TASK DESCRIPTION:
If a line includes "number", copy it out of the entries.
»»
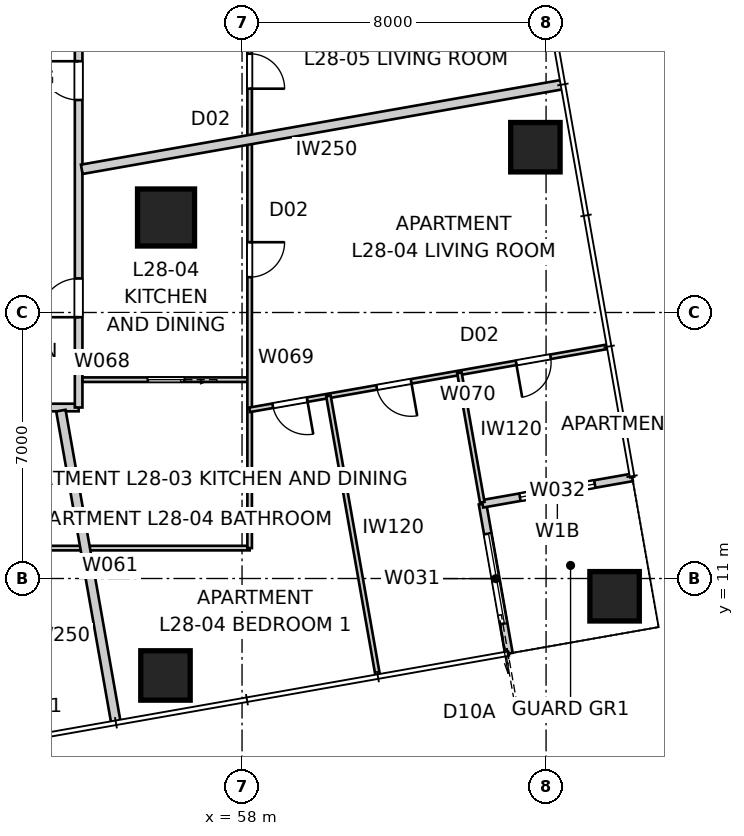
"""IFC4 building model, lengths in metres.
Left out: names, types, materials, properties, quantities, classifications, styles, units other than length and angle.
Written with IfcOpenShell. Run it as: python <this file> out.ifc"""

import sys

from ifc_helpers import new_model, si_unit, direction, frame, frame_2d, origin, origin_2d, place, context, subcontext, project, spatial, rectangle, extrude, element, fill, save


model = new_model("IFC4")
c1 = context("Model", 3, precision=1e-05, world=origin(), true_north=direction((0.0, 1.0)))
c2 = subcontext(c1, "Body", "Model", "MODEL_VIEW")
j1 = project(units=[si_unit("LENGTHUNIT", "METRE"), si_unit("PLANEANGLEUNIT", "RADIAN")], contexts=[c1])
p1 = place(None, origin())
s1 = spatial("IfcSite", under=j1, at=p1, CompositionType="ELEMENT")
p2 = place(p1, origin())
s2 = spatial("IfcBuilding", under=s1, at=p2, CompositionType="ELEMENT")
p3 = place(p2, frame((0.0, 0.0, 103.2)))
s3 = spatial("IfcBuildingStorey", under=s2, at=p3, CompositionType="ELEMENT", Elevation=103.2)
for number, where, z_axis, x_axis in (
    (1, (55.985, 8.448, 0.0), (0.0, 0.0, 1.0), (1.0, 0.0, 0.0)),
    (2, (67.803, 10.532, 0.0), (0.0, 0.0, 1.0), (1.0, 0.0, 0.0)),
    (3, (65.719, 22.35, 0.0), (0.0, 0.0, 1.0), (1.0, 0.0, 0.0)),
):
    element("IfcColumn", number, at=place(p3, frame(where, z_axis=z_axis, x_axis=x_axis)), inside=s3, PredefinedType="COLUMN", context=c2, shape_type="SweptSolid", body=[
        extrude(rectangle(XDim=1.3, YDim=1.3, at=origin_2d()), origin(), (0.0, 0.0, 1.0), 3.2),
    ])
p4 = place(p3, frame((56.0, 20.5, 0.0), z_axis=(0.0, 0.0, 1.0), x_axis=(1.0, 0.0, 0.0)))
e4 = element("IfcColumn", 4, at=p4, inside=s3, PredefinedType="COLUMN", context=c2, shape_type="SweptSolid", body=[
    extrude(rectangle(XDim=1.5, YDim=1.5, at=origin_2d()), origin(), (0.0, 0.0, 1.0), 3.4),
])
p5 = place(p3, frame((65.022, 9.026, 0.0), z_axis=(0.0, 0.0, 1.0), x_axis=(-0.173646056486, 0.984808127031, 0.0)))
e5 = element("IfcWall", 5, at=p5, inside=s3, PredefinedType="SOLIDWALL", context=c2, shape_type="SweptSolid", body=[
    extrude(rectangle(XDim=4.0, YDim=0.2, at=frame_2d((2.0, 0.0))), origin(), (0.0, 0.0, 1.0), 3.2),
])
p6 = place(p5, frame((0.8, 0.0, 0.0)))
e6 = element("IfcOpeningElement", 6, at=p6, cuts=e5, PredefinedType="OPENING", context=c2, shape_type="SweptSolid", body=[
    extrude(rectangle(XDim=2.4, YDim=2.1, at=frame_2d((1.2, 1.05))), frame((0.0, 0.11, 0.0), z_axis=(0.0, -1.0, 0.0), x_axis=(1.0, 0.0, 0.0)), (0.0, 0.0, 1.0), 0.22),
])
p7 = place(p3, frame((64.328, 12.966, 0.0), z_axis=(0.0, 0.0, 1.0), x_axis=(0.984808127031, 0.173646056486, 0.0)))
e7 = element("IfcWall", 7, at=p7, inside=s3, PredefinedType="SOLIDWALL", context=c2, shape_type="SweptSolid", body=[
    extrude(rectangle(XDim=4.0, YDim=0.2, at=frame_2d((2.0, 0.0))), origin(), (0.0, 0.0, 1.0), 3.2),
])
p8 = place(p7, frame((1.0, 0.0, 0.4)))
e8 = element("IfcOpeningElement", 8, at=p8, cuts=e7, PredefinedType="OPENING", context=c2, shape_type="SweptSolid", body=[
    extrude(rectangle(XDim=2.0, YDim=1.8, at=frame_2d((1.0, 0.9))), frame((0.0, 0.11, 0.0), z_axis=(0.0, -1.0, 0.0), x_axis=(1.0, 0.0, 0.0)), (0.0, 0.0, 1.0), 0.22),
])
p9 = place(p3, frame((26.3, 15.5, 0.0), z_axis=(0.0, 0.0, 1.0), x_axis=(1.0, 0.0, 0.0)))
e9 = element("IfcWall", 9, at=p9, inside=s3, PredefinedType="PARTITIONING", context=c2, shape_type="SweptSolid", body=[
    extrude(rectangle(XDim=27.4, YDim=0.2, at=frame_2d((13.7, 0.0))), origin(), (0.0, 0.0, 1.0), 3.2),
])
p10 = place(p9, frame((24.455, 0.0, 0.0)))
e10 = element("IfcOpeningElement", 10, at=p10, cuts=e9, PredefinedType="OPENING", context=c2, shape_type="SweptSolid", body=[
    extrude(rectangle(XDim=1.02, YDim=2.0, at=frame_2d((0.51, 1.0))), frame((0.0, 0.11, 0.0), z_axis=(0.0, -1.0, 0.0), x_axis=(1.0, 0.0, 0.0)), (0.0, 0.0, 1.0), 0.22),
])
p11 = place(p9, frame((1.765, 0.0, 0.0)))
e11 = element("IfcOpeningElement", 11, at=p11, cuts=e9, PredefinedType="OPENING", context=c2, shape_type="SweptSolid", body=[
    extrude(rectangle(XDim=1.02, YDim=2.0, at=frame_2d((0.51, 1.0))), frame((0.0, 0.11, 0.0), z_axis=(0.0, -1.0, 0.0), x_axis=(1.0, 0.0, 0.0)), (0.0, 0.0, 1.0), 0.22),
])
p12 = place(p3, frame((53.7, 15.5, 0.0), z_axis=(0.0, 0.0, 1.0), x_axis=(0.0, 1.0, 0.0)))
e12 = element("IfcWall", 12, at=p12, inside=s3, PredefinedType="PARTITIONING", context=c2, shape_type="SweptSolid", body=[
    extrude(rectangle(XDim=29.0, YDim=0.2, at=frame_2d((14.5, 0.0))), origin(), (0.0, 0.0, 1.0), 3.2),
])
p13 = place(p12, frame((23.648, 0.0, 0.0)))
e13 = element("IfcOpeningElement", 13, at=p13, cuts=e12, PredefinedType="OPENING", context=c2, shape_type="SweptSolid", body=[
    extrude(rectangle(XDim=1.02, YDim=2.34, at=frame_2d((0.51, 1.17))), frame((0.0, 0.11, 0.0), z_axis=(0.0, -1.0, 0.0), x_axis=(1.0, 0.0, 0.0)), (0.0, 0.0, 1.0), 0.22),
])
p14 = place(p12, frame((2.376, 0.0, 0.0)))
e14 = element("IfcOpeningElement", 14, at=p14, cuts=e12, PredefinedType="OPENING", context=c2, shape_type="SweptSolid", body=[
    extrude(rectangle(XDim=1.02, YDim=2.0, at=frame_2d((0.51, 1.0))), frame((0.0, 0.11, 0.0), z_axis=(0.0, -1.0, 0.0), x_axis=(1.0, 0.0, 0.0)), (0.0, 0.0, 1.0), 0.22),
])
p15 = place(p12, frame((8.092, 0.0, 0.0)))
e15 = element("IfcOpeningElement", 15, at=p15, cuts=e12, PredefinedType="OPENING", context=c2, shape_type="SweptSolid", body=[
    extrude(rectangle(XDim=1.02, YDim=2.34, at=frame_2d((0.51, 1.17))), frame((0.0, 0.11, 0.0), z_axis=(0.0, -1.0, 0.0), x_axis=(1.0, 0.0, 0.0)), (0.0, 0.0, 1.0), 0.22),
])
p16 = place(p3, frame((54.682, 7.203, 0.0), z_axis=(0.0, 0.0, 1.0), x_axis=(-0.173651756605, 0.984807121942, 0.0)))
e16 = element("IfcWall", 16, at=p16, inside=s3, PredefinedType="PARTITIONING", context=c2, shape_type="SweptSolid", body=[
    extrude(rectangle(XDim=8.341, YDim=0.25, at=frame_2d((4.171, 0.0))), origin(), (0.0, 0.0, 1.0), 3.2),
])
p17 = place(p3, frame((66.444, 24.001, 0.0), z_axis=(0.0, 0.0, 1.0), x_axis=(-0.984809355703, -0.173639088111, 0.0)))
e17 = element("IfcWall", 17, at=p17, inside=s3, PredefinedType="PARTITIONING", context=c2, shape_type="SweptSolid", body=[
    extrude(rectangle(XDim=12.857, YDim=0.25, at=frame_2d((6.428, 0.0))), origin(), (0.0, 0.0, 1.0), 3.2),
])
p18 = place(p3, frame((58.2, 11.8, 0.0), z_axis=(0.0, 0.0, 1.0), x_axis=(-1.0, 0.0, 0.0)))
e18 = element("IfcWall", 18, at=p18, inside=s3, PredefinedType="PARTITIONING", context=c2, shape_type="SweptSolid", body=[
    extrude(rectangle(XDim=25.653, YDim=0.12, at=frame_2d((12.826, 0.0))), origin(), (0.0, 0.0, 1.0), 3.2),
])
p19 = place(p18, frame((7.342, 0.0, 0.0)))
e19 = element("IfcOpeningElement", 19, at=p19, cuts=e18, PredefinedType="OPENING", context=c2, shape_type="SweptSolid", body=[
    extrude(rectangle(XDim=0.92, YDim=2.34, at=frame_2d((0.46, 1.17))), frame((0.0, 0.07, 0.0), z_axis=(0.0, -1.0, 0.0), x_axis=(1.0, 0.0, 0.0)), (0.0, 0.0, 1.0), 0.14),
])
p20 = place(p18, frame((12.394, 0.0, 0.0)))
e20 = element("IfcOpeningElement", 20, at=p20, cuts=e18, PredefinedType="OPENING", context=c2, shape_type="SweptSolid", body=[
    extrude(rectangle(XDim=0.96, YDim=2.1, at=frame_2d((0.48, 1.05))), frame((0.0, 0.07, 0.0), z_axis=(0.0, -1.0, 0.0), x_axis=(1.0, 0.0, 0.0)), (0.0, 0.0, 1.0), 0.14),
])
p21 = place(p18, frame((16.288, 0.0, 0.0)))
e21 = element("IfcOpeningElement", 21, at=p21, cuts=e18, PredefinedType="OPENING", context=c2, shape_type="SweptSolid", body=[
    extrude(rectangle(XDim=0.96, YDim=2.1, at=frame_2d((0.48, 1.05))), frame((0.0, 0.07, 0.0), z_axis=(0.0, -1.0, 0.0), x_axis=(1.0, 0.0, 0.0)), (0.0, 0.0, 1.0), 0.14),
])
p22 = place(p18, frame((20.134, 0.0, 0.0)))
e22 = element("IfcOpeningElement", 22, at=p22, cuts=e18, PredefinedType="OPENING", context=c2, shape_type="SweptSolid", body=[
    extrude(rectangle(XDim=0.92, YDim=2.34, at=frame_2d((0.46, 1.17))), frame((0.0, 0.07, 0.0), z_axis=(0.0, -1.0, 0.0), x_axis=(1.0, 0.0, 0.0)), (0.0, 0.0, 1.0), 0.14),
])
p23 = place(p3, frame((58.2, 16.232, 0.0), z_axis=(0.0, 0.0, 1.0), x_axis=(-1.0, 0.0, 0.0)))
e23 = element("IfcWall", 23, at=p23, inside=s3, PredefinedType="PARTITIONING", context=c2, shape_type="SweptSolid", body=[
    extrude(rectangle(XDim=4.4, YDim=0.12, at=frame_2d((2.2, 0.0))), origin(), (0.0, 0.0, 1.0), 3.2),
])
p24 = place(p23, frame((1.72, 0.0, 0.0)))
e24 = element("IfcOpeningElement", 24, at=p24, cuts=e23, PredefinedType="OPENING", context=c2, shape_type="SweptSolid", body=[
    extrude(rectangle(XDim=0.96, YDim=2.1, at=frame_2d((0.48, 1.05))), frame((0.0, 0.07, 0.0), z_axis=(0.0, -1.0, 0.0), x_axis=(1.0, 0.0, 0.0)), (0.0, 0.0, 1.0), 0.14),
])
p25 = place(p3, frame((58.2, 48.2, 0.0), z_axis=(0.0, 0.0, 1.0), x_axis=(0.0, -1.0, 0.0)))
e25 = element("IfcWall", 25, at=p25, inside=s3, PredefinedType="PARTITIONING", context=c2, shape_type="SweptSolid", body=[
    extrude(rectangle(XDim=36.4, YDim=0.12, at=frame_2d((18.2, 0.0))), origin(), (0.0, 0.0, 1.0), 3.2),
])
p26 = place(p25, frame((5.671, 0.0, 0.0)))
e26 = element("IfcOpeningElement", 26, at=p26, cuts=e25, PredefinedType="OPENING", context=c2, shape_type="SweptSolid", body=[
    extrude(rectangle(XDim=0.92, YDim=2.34, at=frame_2d((0.46, 1.17))), frame((0.0, 0.07, 0.0), z_axis=(0.0, -1.0, 0.0), x_axis=(1.0, 0.0, 0.0)), (0.0, 0.0, 1.0), 0.14),
])
p27 = place(p25, frame((8.83, 0.0, 0.0)))
e27 = element("IfcOpeningElement", 27, at=p27, cuts=e25, PredefinedType="OPENING", context=c2, shape_type="SweptSolid", body=[
    extrude(rectangle(XDim=0.92, YDim=2.34, at=frame_2d((0.46, 1.17))), frame((0.0, 0.07, 0.0), z_axis=(0.0, -1.0, 0.0), x_axis=(1.0, 0.0, 0.0)), (0.0, 0.0, 1.0), 0.14),
])
p28 = place(p25, frame((28.35, 0.0, 0.0)))
e28 = element("IfcOpeningElement", 28, at=p28, cuts=e25, PredefinedType="OPENING", context=c2, shape_type="SweptSolid", body=[
    extrude(rectangle(XDim=0.92, YDim=2.34, at=frame_2d((0.46, 1.17))), frame((0.0, 0.07, 0.0), z_axis=(0.0, -1.0, 0.0), x_axis=(1.0, 0.0, 0.0)), (0.0, 0.0, 1.0), 0.14),
])
p29 = place(p25, frame((23.39, 0.0, 0.0)))
e29 = element("IfcOpeningElement", 29, at=p29, cuts=e25, PredefinedType="OPENING", context=c2, shape_type="SweptSolid", body=[
    extrude(rectangle(XDim=0.92, YDim=2.34, at=frame_2d((0.46, 1.17))), frame((0.0, 0.07, 0.0), z_axis=(0.0, -1.0, 0.0), x_axis=(1.0, 0.0, 0.0)), (0.0, 0.0, 1.0), 0.14),
])
p30 = place(p25, frame((19.918, 0.0, 0.0)))
e30 = element("IfcOpeningElement", 30, at=p30, cuts=e25, PredefinedType="OPENING", context=c2, shape_type="SweptSolid", body=[
    extrude(rectangle(XDim=0.96, YDim=2.1, at=frame_2d((0.48, 1.05))), frame((0.0, 0.07, 0.0), z_axis=(0.0, -1.0, 0.0), x_axis=(1.0, 0.0, 0.0)), (0.0, 0.0, 1.0), 0.14),
])
p31 = place(p25, frame((16.313, 0.0, 0.0)))
e31 = element("IfcOpeningElement", 31, at=p31, cuts=e25, PredefinedType="OPENING", context=c2, shape_type="SweptSolid", body=[
    extrude(rectangle(XDim=0.96, YDim=2.1, at=frame_2d((0.48, 1.05))), frame((0.0, 0.07, 0.0), z_axis=(0.0, -1.0, 0.0), x_axis=(1.0, 0.0, 0.0)), (0.0, 0.0, 1.0), 0.14),
])
p32 = place(p3, frame((67.62, 17.1, 0.0), z_axis=(0.0, 0.0, 1.0), x_axis=(-0.984808730291, -0.173642635155, 0.0)))
e32 = element("IfcWall", 32, at=p32, inside=s3, PredefinedType="PARTITIONING", context=c2, shape_type="SweptSolid", body=[
    extrude(rectangle(XDim=9.565, YDim=0.12, at=frame_2d((4.782, 0.0))), origin(), (0.0, 0.0, 1.0), 3.2),
])
p33 = place(p32, frame((1.525, 0.0, 0.0)))
e33 = element("IfcOpeningElement", 33, at=p33, cuts=e32, PredefinedType="OPENING", context=c2, shape_type="SweptSolid", body=[
    extrude(rectangle(XDim=0.92, YDim=2.34, at=frame_2d((0.46, 1.17))), frame((0.0, 0.07, 0.0), z_axis=(0.0, -1.0, 0.0), x_axis=(1.0, 0.0, 0.0)), (0.0, 0.0, 1.0), 0.14),
])
p34 = place(p32, frame((5.25, 0.0, 0.0)))
e34 = element("IfcOpeningElement", 34, at=p34, cuts=e32, PredefinedType="OPENING", context=c2, shape_type="SweptSolid", body=[
    extrude(rectangle(XDim=0.92, YDim=2.34, at=frame_2d((0.46, 1.17))), frame((0.0, 0.07, 0.0), z_axis=(0.0, -1.0, 0.0), x_axis=(1.0, 0.0, 0.0)), (0.0, 0.0, 1.0), 0.14),
])
p35 = place(p32, frame((8.028, 0.0, 0.0)))
e35 = element("IfcOpeningElement", 35, at=p35, cuts=e32, PredefinedType="OPENING", context=c2, shape_type="SweptSolid", body=[
    extrude(rectangle(XDim=0.92, YDim=2.0, at=frame_2d((0.46, 1.0))), frame((0.0, 0.07, 0.0), z_axis=(0.0, -1.0, 0.0), x_axis=(1.0, 0.0, 0.0)), (0.0, 0.0, 1.0), 0.14),
])
p36 = place(p3, frame((60.273, 15.805, 0.0), z_axis=(0.0, 0.0, 1.0), x_axis=(0.173647177755, -0.984807929323, 0.0)))
e36 = element("IfcWall", 36, at=p36, inside=s3, PredefinedType="PARTITIONING", context=c2, shape_type="SweptSolid", body=[
    extrude(rectangle(XDim=7.46, YDim=0.12, at=frame_2d((3.73, 0.0))), origin(), (0.0, 0.0, 1.0), 3.2),
])
p37 = place(p3, frame((63.72, 16.412, 0.0), z_axis=(0.0, 0.0, 1.0), x_axis=(0.173660541335, -0.984805572884, 0.0)))
e37 = element("IfcWall", 37, at=p37, inside=s3, PredefinedType="PARTITIONING", context=c2, shape_type="SweptSolid", body=[
    extrude(rectangle(XDim=3.46, YDim=0.12, at=frame_2d((1.73, 0.0))), origin(), (0.0, 0.0, 1.0), 3.2),
])
p38 = place(p6, origin())
e38 = element("IfcDoor", 38, at=p38, inside=s3, OperationType="SLIDING_TO_LEFT", PredefinedType="DOOR", context=c2, shape_type="SweptSolid", body=[
    extrude(rectangle(XDim=2.4, YDim=2.1, at=frame_2d((1.2, 1.05))), frame((0.0, 0.025, 0.0), z_axis=(0.0, -1.0, 0.0), x_axis=(1.0, 0.0, 0.0)), (0.0, 0.0, 1.0), 0.05),
])
fill(e6, e38)
p39 = place(p8, origin())
e39 = element("IfcWindow", 39, at=p39, inside=s3, PartitioningType="SINGLE_PANEL", PredefinedType="WINDOW", context=c2, shape_type="SweptSolid", body=[
    extrude(rectangle(XDim=2.0, YDim=1.8, at=frame_2d((1.0, 0.9))), frame((0.0, 0.03, 0.0), z_axis=(0.0, -1.0, 0.0), x_axis=(1.0, 0.0, 0.0)), (0.0, 0.0, 1.0), 0.06),
])
fill(e8, e39)
p40 = place(p14, origin())
e40 = element("IfcDoor", 40, at=p40, inside=s3, OperationType="SINGLE_SWING_LEFT", PredefinedType="DOOR", context=c2, shape_type="SweptSolid", body=[
    extrude(rectangle(XDim=1.02, YDim=2.0, at=frame_2d((0.51, 1.0))), frame((0.0, 0.025, 0.0), z_axis=(0.0, -1.0, 0.0), x_axis=(1.0, 0.0, 0.0)), (0.0, 0.0, 1.0), 0.05),
])
fill(e14, e40)
p41 = place(p15, origin())
e41 = element("IfcDoor", 41, at=p41, inside=s3, OperationType="SINGLE_SWING_RIGHT", PredefinedType="DOOR", context=c2, shape_type="SweptSolid", body=[
    extrude(rectangle(XDim=1.02, YDim=2.34, at=frame_2d((0.51, 1.17))), frame((0.0, 0.025, 0.0), z_axis=(0.0, -1.0, 0.0), x_axis=(1.0, 0.0, 0.0)), (0.0, 0.0, 1.0), 0.05),
])
fill(e15, e41)
p42 = place(p28, origin())
e42 = element("IfcDoor", 42, at=p42, inside=s3, OperationType="SINGLE_SWING_LEFT", PredefinedType="DOOR", context=c2, shape_type="SweptSolid", body=[
    extrude(rectangle(XDim=0.92, YDim=2.34, at=frame_2d((0.46, 1.17))), frame((0.0, 0.025, 0.0), z_axis=(0.0, -1.0, 0.0), x_axis=(1.0, 0.0, 0.0)), (0.0, 0.0, 1.0), 0.05),
])
fill(e28, e42)
p43 = place(p24, origin())
e43 = element("IfcDoor", 43, at=p43, inside=s3, OperationType="SLIDING_TO_LEFT", PredefinedType="DOOR", context=c2, shape_type="SweptSolid", body=[
    extrude(rectangle(XDim=0.96, YDim=2.1, at=frame_2d((0.48, 1.05))), frame((0.0, 0.025, 0.0), z_axis=(0.0, -1.0, 0.0), x_axis=(1.0, 0.0, 0.0)), (0.0, 0.0, 1.0), 0.05),
])
fill(e24, e43)
p44 = place(p29, origin())
e44 = element("IfcDoor", 44, at=p44, inside=s3, OperationType="SINGLE_SWING_RIGHT", PredefinedType="DOOR", context=c2, shape_type="SweptSolid", body=[
    extrude(rectangle(XDim=0.92, YDim=2.34, at=frame_2d((0.46, 1.17))), frame((0.0, 0.025, 0.0), z_axis=(0.0, -1.0, 0.0), x_axis=(1.0, 0.0, 0.0)), (0.0, 0.0, 1.0), 0.05),
])
fill(e29, e44)
p45 = place(p33, origin())
e45 = element("IfcDoor", 45, at=p45, inside=s3, OperationType="SINGLE_SWING_RIGHT", PredefinedType="DOOR", context=c2, shape_type="SweptSolid", body=[
    extrude(rectangle(XDim=0.92, YDim=2.34, at=frame_2d((0.46, 1.17))), frame((0.0, 0.025, 0.0), z_axis=(0.0, -1.0, 0.0), x_axis=(1.0, 0.0, 0.0)), (0.0, 0.0, 1.0), 0.05),
])
fill(e33, e45)
p46 = place(p34, origin())
e46 = element("IfcDoor", 46, at=p46, inside=s3, OperationType="SINGLE_SWING_LEFT", PredefinedType="DOOR", context=c2, shape_type="SweptSolid", body=[
    extrude(rectangle(XDim=0.92, YDim=2.34, at=frame_2d((0.46, 1.17))), frame((0.0, 0.025, 0.0), z_axis=(0.0, -1.0, 0.0), x_axis=(1.0, 0.0, 0.0)), (0.0, 0.0, 1.0), 0.05),
])
fill(e34, e46)
p47 = place(p35, origin())
e47 = element("IfcDoor", 47, at=p47, inside=s3, OperationType="SINGLE_SWING_LEFT", PredefinedType="DOOR", context=c2, shape_type="SweptSolid", body=[
    extrude(rectangle(XDim=0.92, YDim=2.0, at=frame_2d((0.46, 1.0))), frame((0.0, 0.025, 0.0), z_axis=(0.0, -1.0, 0.0), x_axis=(1.0, 0.0, 0.0)), (0.0, 0.0, 1.0), 0.05),
])
fill(e35, e47)
save(model, sys.argv[1])
««
RESULT:
for number, where, z_axis, x_axis in (
    element("IfcColumn", number, at=place(p3, frame(where, z_axis=z_axis, x_axis=x_axis)), inside=s3, PredefinedType="COLUMN", context=c2, shape_type="SweptSolid", body=[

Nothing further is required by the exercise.